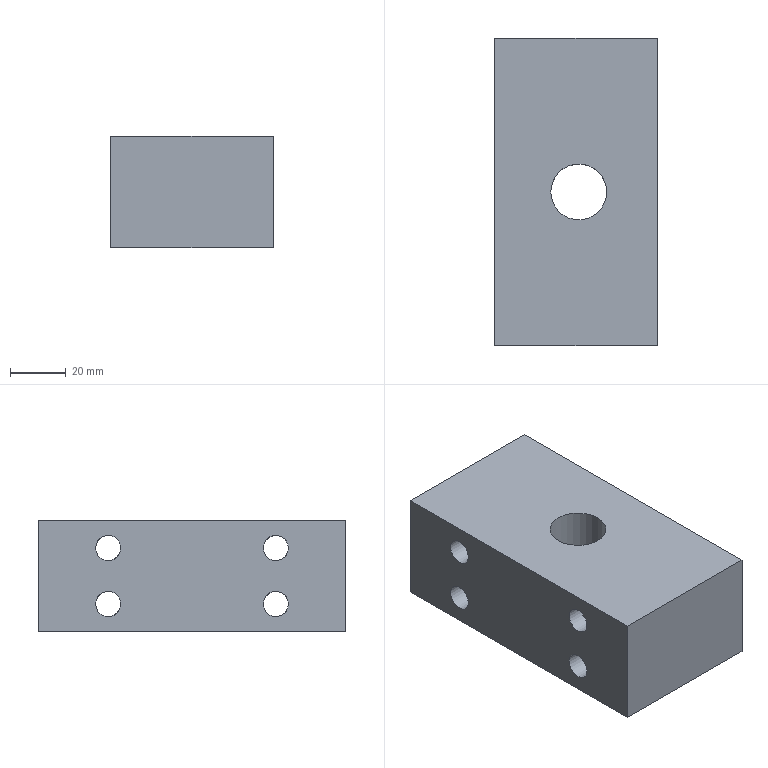Component | NX | CH3404_2-3 | 1 solid | 11 faces | box 58 x 110 x 40 mm | volume 227874 mm3 | plane 6 | cylinder 5 | commonest cylinder face diameters 9 x4 20 x1
STEP:
#1=CARTESIAN_POINT('',(0.,0.,0.));
#2=DIRECTION('',(0.,0.,1.));
#3=DIRECTION('',(1.,0.,0.));
#4=AXIS2_PLACEMENT_3D('',#1,#2,#3);
#5=CARTESIAN_POINT('',(0.,30.,5.5));
#6=VERTEX_POINT('',#5);
#7=CARTESIAN_POINT('',(0.,30.,10.));
#8=DIRECTION('',(1.,0.,0.));
#9=DIRECTION('',(0.,0.,-1.));
#10=AXIS2_PLACEMENT_3D('',#7,#8,#9);
#11=CIRCLE('',#10,4.5);
#12=CARTESIAN_POINT('',(-0.,55.,20.));
#13=DIRECTION('',(1.,0.,0.));
#14=DIRECTION('',(0.,0.,-1.));
#15=AXIS2_PLACEMENT_3D('',#12,#13,#14);
#16=PLANE('',#15);
#17=CARTESIAN_POINT('',(10.,-25.));
#18=DIRECTION('',(1.,0.));
#19=AXIS2_PLACEMENT_2D('',#17,#18);
#20=CIRCLE('',#19,4.5);
#21=(GEOMETRIC_REPRESENTATION_CONTEXT(2)PARAMETRIC_REPRESENTATION_CONTEXT()REPRESENTATION_CONTEXT('',''));
#22=DEFINITIONAL_REPRESENTATION('',(#20),#21);
#23=PCURVE('',#16,#22);
#24=CARTESIAN_POINT('',(0.,30.,10.));
#25=DIRECTION('',(1.,0.,0.));
#26=DIRECTION('',(0.,0.,-1.));
#27=AXIS2_PLACEMENT_3D('',#24,#25,#26);
#28=CYLINDRICAL_SURFACE('',#27,4.5);
#29=CARTESIAN_POINT('',(0.,0.));
#30=DIRECTION('',(1.,0.));
#31=VECTOR('',#30,1.);
#32=LINE('',#29,#31);
#33=(GEOMETRIC_REPRESENTATION_CONTEXT(2)PARAMETRIC_REPRESENTATION_CONTEXT()REPRESENTATION_CONTEXT('',''));
#34=DEFINITIONAL_REPRESENTATION('',(#32),#33);
#35=PCURVE('',#28,#34);
#36=SURFACE_CURVE('',#11,(#23,#35),.PCURVE_S1.);
#37=EDGE_CURVE('',#6,#6,#36,.T.);
#38=ORIENTED_EDGE('',*,*,#37,.T.);
#39=EDGE_LOOP('',(#38));
#40=FACE_BOUND('',#39,.T.);
#41=CARTESIAN_POINT('',(0.,30.,-14.5));
#42=VERTEX_POINT('',#41);
#43=CARTESIAN_POINT('',(0.,30.,-10.));
#44=DIRECTION('',(1.,0.,0.));
#45=DIRECTION('',(0.,0.,-1.));
#46=AXIS2_PLACEMENT_3D('',#43,#44,#45);
#47=CIRCLE('',#46,4.5);
#48=CARTESIAN_POINT('',(30.,-25.));
#49=DIRECTION('',(1.,0.));
#50=AXIS2_PLACEMENT_2D('',#48,#49);
#51=CIRCLE('',#50,4.5);
#52=(GEOMETRIC_REPRESENTATION_CONTEXT(2)PARAMETRIC_REPRESENTATION_CONTEXT()REPRESENTATION_CONTEXT('',''));
#53=DEFINITIONAL_REPRESENTATION('',(#51),#52);
#54=PCURVE('',#16,#53);
#55=CARTESIAN_POINT('',(0.,30.,-10.));
#56=DIRECTION('',(1.,0.,0.));
#57=DIRECTION('',(0.,0.,-1.));
#58=AXIS2_PLACEMENT_3D('',#55,#56,#57);
#59=CYLINDRICAL_SURFACE('',#58,4.5);
#60=CARTESIAN_POINT('',(0.,0.));
#61=DIRECTION('',(1.,0.));
#62=VECTOR('',#61,1.);
#63=LINE('',#60,#62);
#64=(GEOMETRIC_REPRESENTATION_CONTEXT(2)PARAMETRIC_REPRESENTATION_CONTEXT()REPRESENTATION_CONTEXT('',''));
#65=DEFINITIONAL_REPRESENTATION('',(#63),#64);
#66=PCURVE('',#59,#65);
#67=SURFACE_CURVE('',#47,(#54,#66),.PCURVE_S1.);
#68=EDGE_CURVE('',#42,#42,#67,.T.);
#69=ORIENTED_EDGE('',*,*,#68,.T.);
#70=EDGE_LOOP('',(#69));
#71=FACE_BOUND('',#70,.T.);
#72=CARTESIAN_POINT('',(0.,-30.,5.5));
#73=VERTEX_POINT('',#72);
#74=CARTESIAN_POINT('',(0.,-30.,10.));
#75=DIRECTION('',(1.,0.,0.));
#76=DIRECTION('',(0.,0.,-1.));
#77=AXIS2_PLACEMENT_3D('',#74,#75,#76);
#78=CIRCLE('',#77,4.5);
#79=CARTESIAN_POINT('',(10.,-85.));
#80=DIRECTION('',(1.,0.));
#81=AXIS2_PLACEMENT_2D('',#79,#80);
#82=CIRCLE('',#81,4.5);
#83=(GEOMETRIC_REPRESENTATION_CONTEXT(2)PARAMETRIC_REPRESENTATION_CONTEXT()REPRESENTATION_CONTEXT('',''));
#84=DEFINITIONAL_REPRESENTATION('',(#82),#83);
#85=PCURVE('',#16,#84);
#86=CARTESIAN_POINT('',(0.,-30.,10.));
#87=DIRECTION('',(1.,0.,0.));
#88=DIRECTION('',(0.,0.,-1.));
#89=AXIS2_PLACEMENT_3D('',#86,#87,#88);
#90=CYLINDRICAL_SURFACE('',#89,4.5);
#91=CARTESIAN_POINT('',(0.,0.));
#92=DIRECTION('',(1.,0.));
#93=VECTOR('',#92,1.);
#94=LINE('',#91,#93);
#95=(GEOMETRIC_REPRESENTATION_CONTEXT(2)PARAMETRIC_REPRESENTATION_CONTEXT()REPRESENTATION_CONTEXT('',''));
#96=DEFINITIONAL_REPRESENTATION('',(#94),#95);
#97=PCURVE('',#90,#96);
#98=SURFACE_CURVE('',#78,(#85,#97),.PCURVE_S1.);
#99=EDGE_CURVE('',#73,#73,#98,.T.);
#100=ORIENTED_EDGE('',*,*,#99,.T.);
#101=EDGE_LOOP('',(#100));
#102=FACE_BOUND('',#101,.T.);
#103=CARTESIAN_POINT('',(0.,-30.,-14.5));
#104=VERTEX_POINT('',#103);
#105=CARTESIAN_POINT('',(0.,-30.,-10.));
#106=DIRECTION('',(1.,0.,0.));
#107=DIRECTION('',(0.,0.,-1.));
#108=AXIS2_PLACEMENT_3D('',#105,#106,#107);
#109=CIRCLE('',#108,4.5);
#110=CARTESIAN_POINT('',(30.,-85.));
#111=DIRECTION('',(1.,0.));
#112=AXIS2_PLACEMENT_2D('',#110,#111);
#113=CIRCLE('',#112,4.5);
#114=(GEOMETRIC_REPRESENTATION_CONTEXT(2)PARAMETRIC_REPRESENTATION_CONTEXT()REPRESENTATION_CONTEXT('',''));
#115=DEFINITIONAL_REPRESENTATION('',(#113),#114);
#116=PCURVE('',#16,#115);
#117=CARTESIAN_POINT('',(0.,-30.,-10.));
#118=DIRECTION('',(1.,0.,0.));
#119=DIRECTION('',(0.,0.,-1.));
#120=AXIS2_PLACEMENT_3D('',#117,#118,#119);
#121=CYLINDRICAL_SURFACE('',#120,4.5);
#122=CARTESIAN_POINT('',(0.,0.));
#123=DIRECTION('',(1.,0.));
#124=VECTOR('',#123,1.);
#125=LINE('',#122,#124);
#126=(GEOMETRIC_REPRESENTATION_CONTEXT(2)PARAMETRIC_REPRESENTATION_CONTEXT()REPRESENTATION_CONTEXT('',''));
#127=DEFINITIONAL_REPRESENTATION('',(#125),#126);
#128=PCURVE('',#121,#127);
#129=SURFACE_CURVE('',#109,(#116,#128),.PCURVE_S1.);
#130=EDGE_CURVE('',#104,#104,#129,.T.);
#131=ORIENTED_EDGE('',*,*,#130,.T.);
#132=EDGE_LOOP('',(#131));
#133=FACE_BOUND('',#132,.T.);
#134=CARTESIAN_POINT('',(-0.,55.,-20.));
#135=VERTEX_POINT('',#134);
#136=CARTESIAN_POINT('',(-0.,-55.,-20.));
#137=VERTEX_POINT('',#136);
#138=CARTESIAN_POINT('',(-0.,55.,-20.));
#139=DIRECTION('',(0.,-1.,0.));
#140=VECTOR('',#139,1.);
#141=LINE('',#138,#140);
#142=CARTESIAN_POINT('',(40.,0.));
#143=DIRECTION('',(0.,-1.));
#144=VECTOR('',#143,1.);
#145=LINE('',#142,#144);
#146=(GEOMETRIC_REPRESENTATION_CONTEXT(2)PARAMETRIC_REPRESENTATION_CONTEXT()REPRESENTATION_CONTEXT('',''));
#147=DEFINITIONAL_REPRESENTATION('',(#145),#146);
#148=PCURVE('',#16,#147);
#149=CARTESIAN_POINT('',(30.,-0.,-20.));
#150=DIRECTION('',(0.,0.,1.));
#151=DIRECTION('',(1.,0.,0.));
#152=AXIS2_PLACEMENT_3D('',#149,#150,#151);
#153=PLANE('',#152);
#154=CARTESIAN_POINT('',(-30.,55.));
#155=DIRECTION('',(0.,-1.));
#156=VECTOR('',#155,1.);
#157=LINE('',#154,#156);
#158=(GEOMETRIC_REPRESENTATION_CONTEXT(2)PARAMETRIC_REPRESENTATION_CONTEXT()REPRESENTATION_CONTEXT('',''));
#159=DEFINITIONAL_REPRESENTATION('',(#157),#158);
#160=PCURVE('',#153,#159);
#161=SURFACE_CURVE('',#141,(#148,#160),.PCURVE_S1.);
#162=EDGE_CURVE('',#135,#137,#161,.T.);
#163=ORIENTED_EDGE('',*,*,#162,.T.);
#164=CARTESIAN_POINT('',(-0.,-55.,20.));
#165=VERTEX_POINT('',#164);
#166=CARTESIAN_POINT('',(-0.,-55.,20.));
#167=DIRECTION('',(0.,0.,-1.));
#168=VECTOR('',#167,1.);
#169=LINE('',#166,#168);
#170=CARTESIAN_POINT('',(0.,-110.));
#171=DIRECTION('',(1.,0.));
#172=VECTOR('',#171,1.);
#173=LINE('',#170,#172);
#174=(GEOMETRIC_REPRESENTATION_CONTEXT(2)PARAMETRIC_REPRESENTATION_CONTEXT()REPRESENTATION_CONTEXT('',''));
#175=DEFINITIONAL_REPRESENTATION('',(#173),#174);
#176=PCURVE('',#16,#175);
#177=CARTESIAN_POINT('',(-0.,-55.,20.));
#178=DIRECTION('',(0.,1.,0.));
#179=DIRECTION('',(-1.,0.,0.));
#180=AXIS2_PLACEMENT_3D('',#177,#178,#179);
#181=PLANE('',#180);
#182=CARTESIAN_POINT('',(0.,0.));
#183=DIRECTION('',(0.,-1.));
#184=VECTOR('',#183,1.);
#185=LINE('',#182,#184);
#186=(GEOMETRIC_REPRESENTATION_CONTEXT(2)PARAMETRIC_REPRESENTATION_CONTEXT()REPRESENTATION_CONTEXT('',''));
#187=DEFINITIONAL_REPRESENTATION('',(#185),#186);
#188=PCURVE('',#181,#187);
#189=SURFACE_CURVE('',#169,(#176,#188),.PCURVE_S1.);
#190=EDGE_CURVE('',#165,#137,#189,.T.);
#191=ORIENTED_EDGE('',*,*,#190,.F.);
#192=CARTESIAN_POINT('',(-0.,55.,20.));
#193=VERTEX_POINT('',#192);
#194=CARTESIAN_POINT('',(-0.,55.,20.));
#195=DIRECTION('',(0.,-1.,0.));
#196=VECTOR('',#195,1.);
#197=LINE('',#194,#196);
#198=CARTESIAN_POINT('',(0.,0.));
#199=DIRECTION('',(0.,-1.));
#200=VECTOR('',#199,1.);
#201=LINE('',#198,#200);
#202=(GEOMETRIC_REPRESENTATION_CONTEXT(2)PARAMETRIC_REPRESENTATION_CONTEXT()REPRESENTATION_CONTEXT('',''));
#203=DEFINITIONAL_REPRESENTATION('',(#201),#202);
#204=PCURVE('',#16,#203);
#205=CARTESIAN_POINT('',(30.,-0.,20.));
#206=DIRECTION('',(0.,0.,1.));
#207=DIRECTION('',(1.,0.,0.));
#208=AXIS2_PLACEMENT_3D('',#205,#206,#207);
#209=PLANE('',#208);
#210=CARTESIAN_POINT('',(-30.,55.));
#211=DIRECTION('',(0.,-1.));
#212=VECTOR('',#211,1.);
#213=LINE('',#210,#212);
#214=(GEOMETRIC_REPRESENTATION_CONTEXT(2)PARAMETRIC_REPRESENTATION_CONTEXT()REPRESENTATION_CONTEXT('',''));
#215=DEFINITIONAL_REPRESENTATION('',(#213),#214);
#216=PCURVE('',#209,#215);
#217=SURFACE_CURVE('',#197,(#204,#216),.PCURVE_S1.);
#218=EDGE_CURVE('',#193,#165,#217,.T.);
#219=ORIENTED_EDGE('',*,*,#218,.F.);
#220=CARTESIAN_POINT('',(-0.,55.,20.));
#221=DIRECTION('',(0.,0.,-1.));
#222=VECTOR('',#221,1.);
#223=LINE('',#220,#222);
#224=CARTESIAN_POINT('',(0.,0.));
#225=DIRECTION('',(1.,0.));
#226=VECTOR('',#225,1.);
#227=LINE('',#224,#226);
#228=(GEOMETRIC_REPRESENTATION_CONTEXT(2)PARAMETRIC_REPRESENTATION_CONTEXT()REPRESENTATION_CONTEXT('',''));
#229=DEFINITIONAL_REPRESENTATION('',(#227),#228);
#230=PCURVE('',#16,#229);
#231=CARTESIAN_POINT('',(58.,55.,20.));
#232=DIRECTION('',(0.,-1.,0.));
#233=DIRECTION('',(0.,0.,-1.));
#234=AXIS2_PLACEMENT_3D('',#231,#232,#233);
#235=PLANE('',#234);
#236=CARTESIAN_POINT('',(0.,-58.));
#237=DIRECTION('',(1.,0.));
#238=VECTOR('',#237,1.);
#239=LINE('',#236,#238);
#240=(GEOMETRIC_REPRESENTATION_CONTEXT(2)PARAMETRIC_REPRESENTATION_CONTEXT()REPRESENTATION_CONTEXT('',''));
#241=DEFINITIONAL_REPRESENTATION('',(#239),#240);
#242=PCURVE('',#235,#241);
#243=SURFACE_CURVE('',#223,(#230,#242),.PCURVE_S1.);
#244=EDGE_CURVE('',#193,#135,#243,.T.);
#245=ORIENTED_EDGE('',*,*,#244,.T.);
#246=EDGE_LOOP('',(#163,#191,#219,#245));
#247=FACE_BOUND('',#246,.T.);
#248=ADVANCED_FACE('',(#40,#71,#102,#133,#247),#16,.F.);
#249=CARTESIAN_POINT('',(58.,-55.,-20.));
#250=VERTEX_POINT('',#249);
#251=CARTESIAN_POINT('',(-0.,-55.,-20.));
#252=DIRECTION('',(1.,-0.,0.));
#253=VECTOR('',#252,1.);
#254=LINE('',#251,#253);
#255=CARTESIAN_POINT('',(0.,-40.));
#256=DIRECTION('',(-1.,0.));
#257=VECTOR('',#256,1.);
#258=LINE('',#255,#257);
#259=(GEOMETRIC_REPRESENTATION_CONTEXT(2)PARAMETRIC_REPRESENTATION_CONTEXT()REPRESENTATION_CONTEXT('',''));
#260=DEFINITIONAL_REPRESENTATION('',(#258),#259);
#261=PCURVE('',#181,#260);
#262=CARTESIAN_POINT('',(-30.,-55.));
#263=DIRECTION('',(1.,-0.));
#264=VECTOR('',#263,1.);
#265=LINE('',#262,#264);
#266=(GEOMETRIC_REPRESENTATION_CONTEXT(2)PARAMETRIC_REPRESENTATION_CONTEXT()REPRESENTATION_CONTEXT('',''));
#267=DEFINITIONAL_REPRESENTATION('',(#265),#266);
#268=PCURVE('',#153,#267);
#269=SURFACE_CURVE('',#254,(#261,#268),.PCURVE_S1.);
#270=EDGE_CURVE('',#137,#250,#269,.T.);
#271=ORIENTED_EDGE('',*,*,#270,.T.);
#272=CARTESIAN_POINT('',(58.,-55.,20.));
#273=VERTEX_POINT('',#272);
#274=CARTESIAN_POINT('',(58.,-55.,20.));
#275=DIRECTION('',(0.,0.,-1.));
#276=VECTOR('',#275,1.);
#277=LINE('',#274,#276);
#278=CARTESIAN_POINT('',(-58.,0.));
#279=DIRECTION('',(0.,-1.));
#280=VECTOR('',#279,1.);
#281=LINE('',#278,#280);
#282=(GEOMETRIC_REPRESENTATION_CONTEXT(2)PARAMETRIC_REPRESENTATION_CONTEXT()REPRESENTATION_CONTEXT('',''));
#283=DEFINITIONAL_REPRESENTATION('',(#281),#282);
#284=PCURVE('',#181,#283);
#285=CARTESIAN_POINT('',(58.,-55.,20.));
#286=DIRECTION('',(-1.,0.,0.));
#287=DIRECTION('',(-0.,-1.,0.));
#288=AXIS2_PLACEMENT_3D('',#285,#286,#287);
#289=PLANE('',#288);
#290=CARTESIAN_POINT('',(0.,0.));
#291=DIRECTION('',(0.,-1.));
#292=VECTOR('',#291,1.);
#293=LINE('',#290,#292);
#294=(GEOMETRIC_REPRESENTATION_CONTEXT(2)PARAMETRIC_REPRESENTATION_CONTEXT()REPRESENTATION_CONTEXT('',''));
#295=DEFINITIONAL_REPRESENTATION('',(#293),#294);
#296=PCURVE('',#289,#295);
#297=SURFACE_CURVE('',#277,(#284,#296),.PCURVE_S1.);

* _TRY IT_:
The lines above from the one with "#250=VERTEX_POINT('',#249);" through the one with "#296=PCURVE('',#289,#295);" are to be duplicated exactly, ends included, with nothing added.

* _YOUR RESPONSE_:
#250=VERTEX_POINT('',#249);
#251=CARTESIAN_POINT('',(-0.,-55.,-20.));
#252=DIRECTION('',(1.,-0.,0.));
#253=VECTOR('',#252,1.);
#254=LINE('',#251,#253);
#255=CARTESIAN_POINT('',(0.,-40.));
#256=DIRECTION('',(-1.,0.));
#257=VECTOR('',#256,1.);
#258=LINE('',#255,#257);
#259=(GEOMETRIC_REPRESENTATION_CONTEXT(2)PARAMETRIC_REPRESENTATION_CONTEXT()REPRESENTATION_CONTEXT('',''));
#260=DEFINITIONAL_REPRESENTATION('',(#258),#259);
#261=PCURVE('',#181,#260);
#262=CARTESIAN_POINT('',(-30.,-55.));
#263=DIRECTION('',(1.,-0.));
#264=VECTOR('',#263,1.);
#265=LINE('',#262,#264);
#266=(GEOMETRIC_REPRESENTATION_CONTEXT(2)PARAMETRIC_REPRESENTATION_CONTEXT()REPRESENTATION_CONTEXT('',''));
#267=DEFINITIONAL_REPRESENTATION('',(#265),#266);
#268=PCURVE('',#153,#267);
#269=SURFACE_CURVE('',#254,(#261,#268),.PCURVE_S1.);
#270=EDGE_CURVE('',#137,#250,#269,.T.);
#271=ORIENTED_EDGE('',*,*,#270,.T.);
#272=CARTESIAN_POINT('',(58.,-55.,20.));
#273=VERTEX_POINT('',#272);
#274=CARTESIAN_POINT('',(58.,-55.,20.));
#275=DIRECTION('',(0.,0.,-1.));
#276=VECTOR('',#275,1.);
#277=LINE('',#274,#276);
#278=CARTESIAN_POINT('',(-58.,0.));
#279=DIRECTION('',(0.,-1.));
#280=VECTOR('',#279,1.);
#281=LINE('',#278,#280);
#282=(GEOMETRIC_REPRESENTATION_CONTEXT(2)PARAMETRIC_REPRESENTATION_CONTEXT()REPRESENTATION_CONTEXT('',''));
#283=DEFINITIONAL_REPRESENTATION('',(#281),#282);
#284=PCURVE('',#181,#283);
#285=CARTESIAN_POINT('',(58.,-55.,20.));
#286=DIRECTION('',(-1.,0.,0.));
#287=DIRECTION('',(-0.,-1.,0.));
#288=AXIS2_PLACEMENT_3D('',#285,#286,#287);
#289=PLANE('',#288);
#290=CARTESIAN_POINT('',(0.,0.));
#291=DIRECTION('',(0.,-1.));
#292=VECTOR('',#291,1.);
#293=LINE('',#290,#292);
#294=(GEOMETRIC_REPRESENTATION_CONTEXT(2)PARAMETRIC_REPRESENTATION_CONTEXT()REPRESENTATION_CONTEXT('',''));
#295=DEFINITIONAL_REPRESENTATION('',(#293),#294);
#296=PCURVE('',#289,#295);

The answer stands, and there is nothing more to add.